Problem to work on
Print the range of lines that opens with the line containing "#184=VECTOR('',#183,39.37);" and closes with the last line of the listing. Include both ends; print nothing more.

───── Exercise materials ─────

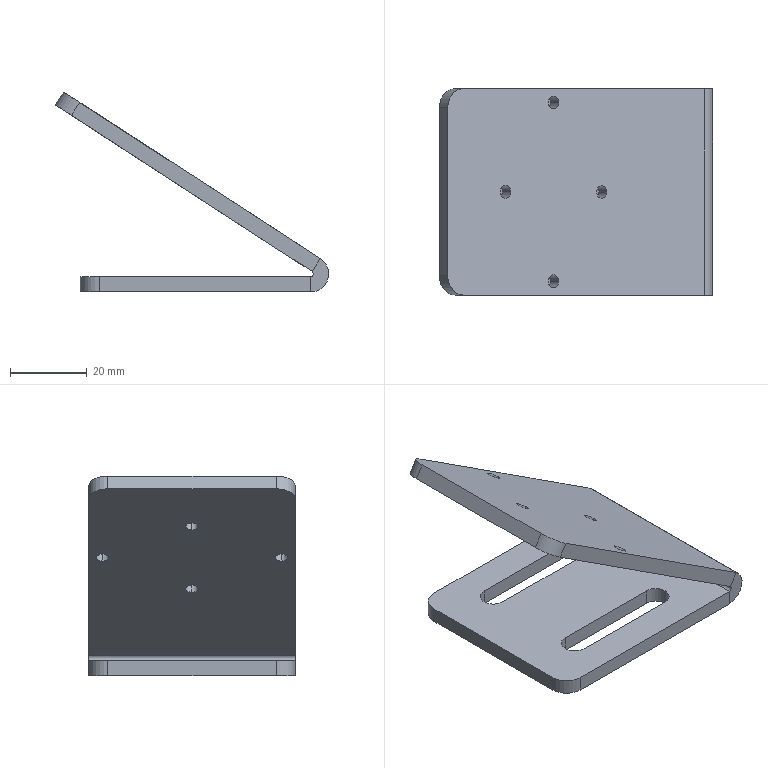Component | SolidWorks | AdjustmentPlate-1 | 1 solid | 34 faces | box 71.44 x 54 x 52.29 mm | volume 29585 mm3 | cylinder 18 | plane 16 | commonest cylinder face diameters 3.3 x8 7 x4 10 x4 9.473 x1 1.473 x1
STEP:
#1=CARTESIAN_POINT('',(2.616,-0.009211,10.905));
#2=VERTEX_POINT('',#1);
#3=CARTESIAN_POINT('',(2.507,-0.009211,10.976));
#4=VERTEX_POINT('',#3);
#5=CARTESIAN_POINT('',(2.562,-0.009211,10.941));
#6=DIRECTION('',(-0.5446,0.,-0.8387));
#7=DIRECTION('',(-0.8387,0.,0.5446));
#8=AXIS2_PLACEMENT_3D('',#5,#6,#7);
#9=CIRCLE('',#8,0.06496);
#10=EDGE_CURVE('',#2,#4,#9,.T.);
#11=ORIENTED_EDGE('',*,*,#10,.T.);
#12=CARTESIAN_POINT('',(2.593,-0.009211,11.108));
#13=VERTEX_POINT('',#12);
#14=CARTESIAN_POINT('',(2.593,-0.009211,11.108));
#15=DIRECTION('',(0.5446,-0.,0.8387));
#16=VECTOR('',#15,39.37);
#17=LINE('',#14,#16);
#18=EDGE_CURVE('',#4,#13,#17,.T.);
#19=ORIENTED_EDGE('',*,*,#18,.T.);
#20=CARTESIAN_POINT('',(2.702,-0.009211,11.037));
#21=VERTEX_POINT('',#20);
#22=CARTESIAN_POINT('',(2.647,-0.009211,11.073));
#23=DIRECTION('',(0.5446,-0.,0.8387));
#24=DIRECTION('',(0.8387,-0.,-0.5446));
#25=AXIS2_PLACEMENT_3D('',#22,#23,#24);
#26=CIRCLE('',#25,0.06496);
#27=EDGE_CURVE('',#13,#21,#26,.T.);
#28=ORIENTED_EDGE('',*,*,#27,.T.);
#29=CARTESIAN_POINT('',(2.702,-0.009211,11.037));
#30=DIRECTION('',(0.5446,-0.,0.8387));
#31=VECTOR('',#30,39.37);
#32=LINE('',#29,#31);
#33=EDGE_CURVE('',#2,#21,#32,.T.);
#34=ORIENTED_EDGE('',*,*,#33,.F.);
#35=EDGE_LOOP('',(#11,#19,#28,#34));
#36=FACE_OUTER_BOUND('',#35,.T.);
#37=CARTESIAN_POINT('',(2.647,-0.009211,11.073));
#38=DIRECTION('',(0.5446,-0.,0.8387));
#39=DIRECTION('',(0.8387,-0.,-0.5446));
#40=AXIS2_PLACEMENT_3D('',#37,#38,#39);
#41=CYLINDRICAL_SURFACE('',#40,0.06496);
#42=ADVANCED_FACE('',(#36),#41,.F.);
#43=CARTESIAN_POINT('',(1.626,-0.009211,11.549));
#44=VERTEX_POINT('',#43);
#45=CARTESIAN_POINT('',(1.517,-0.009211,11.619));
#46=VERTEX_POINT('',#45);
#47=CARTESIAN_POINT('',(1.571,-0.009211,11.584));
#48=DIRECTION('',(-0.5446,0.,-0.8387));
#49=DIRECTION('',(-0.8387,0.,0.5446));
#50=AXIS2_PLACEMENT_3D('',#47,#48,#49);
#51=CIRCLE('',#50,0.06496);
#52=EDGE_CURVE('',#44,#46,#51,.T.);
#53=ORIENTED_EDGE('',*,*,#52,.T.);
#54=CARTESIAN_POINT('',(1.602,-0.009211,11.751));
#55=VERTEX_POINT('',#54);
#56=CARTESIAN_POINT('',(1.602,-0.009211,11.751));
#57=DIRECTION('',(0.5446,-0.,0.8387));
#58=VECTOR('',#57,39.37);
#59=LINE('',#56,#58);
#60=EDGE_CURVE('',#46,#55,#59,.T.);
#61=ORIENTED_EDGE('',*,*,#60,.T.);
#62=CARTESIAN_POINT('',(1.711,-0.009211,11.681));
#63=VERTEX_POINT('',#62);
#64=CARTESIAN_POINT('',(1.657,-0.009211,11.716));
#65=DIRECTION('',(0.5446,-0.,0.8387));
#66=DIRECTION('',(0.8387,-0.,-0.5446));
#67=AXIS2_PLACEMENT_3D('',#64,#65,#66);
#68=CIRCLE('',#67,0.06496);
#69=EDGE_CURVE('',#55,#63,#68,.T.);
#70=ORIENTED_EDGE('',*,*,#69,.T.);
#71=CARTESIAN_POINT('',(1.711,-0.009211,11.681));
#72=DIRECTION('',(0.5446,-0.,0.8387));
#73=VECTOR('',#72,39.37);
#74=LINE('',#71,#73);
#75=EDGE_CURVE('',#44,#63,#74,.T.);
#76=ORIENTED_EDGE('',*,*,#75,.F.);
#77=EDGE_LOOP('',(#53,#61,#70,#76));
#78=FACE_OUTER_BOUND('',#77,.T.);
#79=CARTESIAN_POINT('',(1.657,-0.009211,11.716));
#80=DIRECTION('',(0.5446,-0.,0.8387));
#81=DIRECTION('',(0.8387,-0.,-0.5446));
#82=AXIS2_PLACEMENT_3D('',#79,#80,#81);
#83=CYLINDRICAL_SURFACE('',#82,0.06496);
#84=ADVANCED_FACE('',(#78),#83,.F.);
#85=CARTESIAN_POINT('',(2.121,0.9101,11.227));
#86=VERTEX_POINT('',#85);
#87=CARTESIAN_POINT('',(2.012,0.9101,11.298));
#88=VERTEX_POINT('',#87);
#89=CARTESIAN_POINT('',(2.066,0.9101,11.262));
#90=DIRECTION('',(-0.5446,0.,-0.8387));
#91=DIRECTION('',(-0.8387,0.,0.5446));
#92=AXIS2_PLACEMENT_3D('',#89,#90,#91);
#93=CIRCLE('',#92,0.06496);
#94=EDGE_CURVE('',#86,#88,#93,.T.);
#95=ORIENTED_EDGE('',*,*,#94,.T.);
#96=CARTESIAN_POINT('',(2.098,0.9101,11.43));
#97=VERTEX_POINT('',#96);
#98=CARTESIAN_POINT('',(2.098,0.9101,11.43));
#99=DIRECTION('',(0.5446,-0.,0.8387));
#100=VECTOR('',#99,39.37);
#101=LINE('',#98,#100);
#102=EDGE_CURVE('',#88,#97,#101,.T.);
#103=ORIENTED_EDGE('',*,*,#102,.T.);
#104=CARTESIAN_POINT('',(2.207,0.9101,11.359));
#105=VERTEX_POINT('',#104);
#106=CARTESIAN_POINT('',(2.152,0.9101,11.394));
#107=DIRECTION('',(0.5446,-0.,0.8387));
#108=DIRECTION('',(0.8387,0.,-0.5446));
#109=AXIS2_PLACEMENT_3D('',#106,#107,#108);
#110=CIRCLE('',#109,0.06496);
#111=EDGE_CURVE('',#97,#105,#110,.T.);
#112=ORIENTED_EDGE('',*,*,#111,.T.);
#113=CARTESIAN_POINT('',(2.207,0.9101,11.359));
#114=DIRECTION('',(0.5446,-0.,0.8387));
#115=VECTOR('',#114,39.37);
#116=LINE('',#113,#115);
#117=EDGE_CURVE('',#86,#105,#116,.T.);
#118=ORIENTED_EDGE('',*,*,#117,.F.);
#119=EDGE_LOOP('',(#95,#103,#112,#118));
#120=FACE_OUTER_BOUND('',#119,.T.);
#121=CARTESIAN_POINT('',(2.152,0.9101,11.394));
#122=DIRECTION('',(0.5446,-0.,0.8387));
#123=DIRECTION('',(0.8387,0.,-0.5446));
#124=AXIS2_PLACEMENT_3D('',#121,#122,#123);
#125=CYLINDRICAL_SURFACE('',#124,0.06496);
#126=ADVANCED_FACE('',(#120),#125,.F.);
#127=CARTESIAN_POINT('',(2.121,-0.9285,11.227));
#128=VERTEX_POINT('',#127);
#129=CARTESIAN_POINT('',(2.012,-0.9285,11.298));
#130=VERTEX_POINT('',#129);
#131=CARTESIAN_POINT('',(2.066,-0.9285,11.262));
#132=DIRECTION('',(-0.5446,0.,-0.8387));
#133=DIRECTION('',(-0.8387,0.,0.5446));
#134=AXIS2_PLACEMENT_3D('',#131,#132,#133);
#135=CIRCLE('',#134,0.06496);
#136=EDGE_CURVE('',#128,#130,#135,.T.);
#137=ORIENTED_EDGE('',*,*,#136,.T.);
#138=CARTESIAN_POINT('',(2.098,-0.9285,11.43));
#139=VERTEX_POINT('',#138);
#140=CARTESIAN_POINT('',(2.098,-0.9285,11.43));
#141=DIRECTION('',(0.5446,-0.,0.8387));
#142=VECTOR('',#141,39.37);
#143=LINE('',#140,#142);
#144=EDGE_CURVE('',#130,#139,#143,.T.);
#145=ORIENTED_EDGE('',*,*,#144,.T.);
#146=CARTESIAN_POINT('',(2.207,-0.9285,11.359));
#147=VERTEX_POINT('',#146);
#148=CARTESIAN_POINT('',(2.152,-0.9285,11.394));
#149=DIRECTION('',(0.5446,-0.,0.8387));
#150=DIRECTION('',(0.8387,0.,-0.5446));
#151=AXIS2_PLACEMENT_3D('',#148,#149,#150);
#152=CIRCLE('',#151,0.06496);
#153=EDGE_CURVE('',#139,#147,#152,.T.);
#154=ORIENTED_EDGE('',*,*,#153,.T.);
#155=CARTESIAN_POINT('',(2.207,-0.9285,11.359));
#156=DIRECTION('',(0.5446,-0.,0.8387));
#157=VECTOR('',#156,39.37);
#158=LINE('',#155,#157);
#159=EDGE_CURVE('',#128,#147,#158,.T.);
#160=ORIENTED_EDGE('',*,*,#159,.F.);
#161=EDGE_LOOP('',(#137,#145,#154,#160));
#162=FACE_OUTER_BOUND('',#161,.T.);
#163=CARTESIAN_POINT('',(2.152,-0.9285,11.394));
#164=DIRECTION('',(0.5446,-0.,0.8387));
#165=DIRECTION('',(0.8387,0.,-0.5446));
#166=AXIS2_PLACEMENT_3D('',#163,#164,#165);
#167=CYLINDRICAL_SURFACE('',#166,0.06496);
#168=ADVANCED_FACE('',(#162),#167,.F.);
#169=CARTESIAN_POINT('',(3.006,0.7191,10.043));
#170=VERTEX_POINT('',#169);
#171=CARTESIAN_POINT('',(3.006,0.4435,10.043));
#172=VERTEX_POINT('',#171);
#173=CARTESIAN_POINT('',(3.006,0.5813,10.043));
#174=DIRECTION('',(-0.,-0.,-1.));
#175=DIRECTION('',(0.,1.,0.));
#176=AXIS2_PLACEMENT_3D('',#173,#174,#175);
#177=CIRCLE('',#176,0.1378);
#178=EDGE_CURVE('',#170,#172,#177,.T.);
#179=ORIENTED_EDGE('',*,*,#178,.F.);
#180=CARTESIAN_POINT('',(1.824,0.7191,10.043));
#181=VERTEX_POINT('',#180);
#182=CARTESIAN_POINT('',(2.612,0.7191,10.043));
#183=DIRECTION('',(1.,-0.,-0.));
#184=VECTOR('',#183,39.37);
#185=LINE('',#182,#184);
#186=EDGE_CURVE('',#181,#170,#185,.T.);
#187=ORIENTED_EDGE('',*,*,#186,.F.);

─────

Solution to the exercise
#184=VECTOR('',#183,39.37);
#185=LINE('',#182,#184);
#186=EDGE_CURVE('',#181,#170,#185,.T.);
#187=ORIENTED_EDGE('',*,*,#186,.F.);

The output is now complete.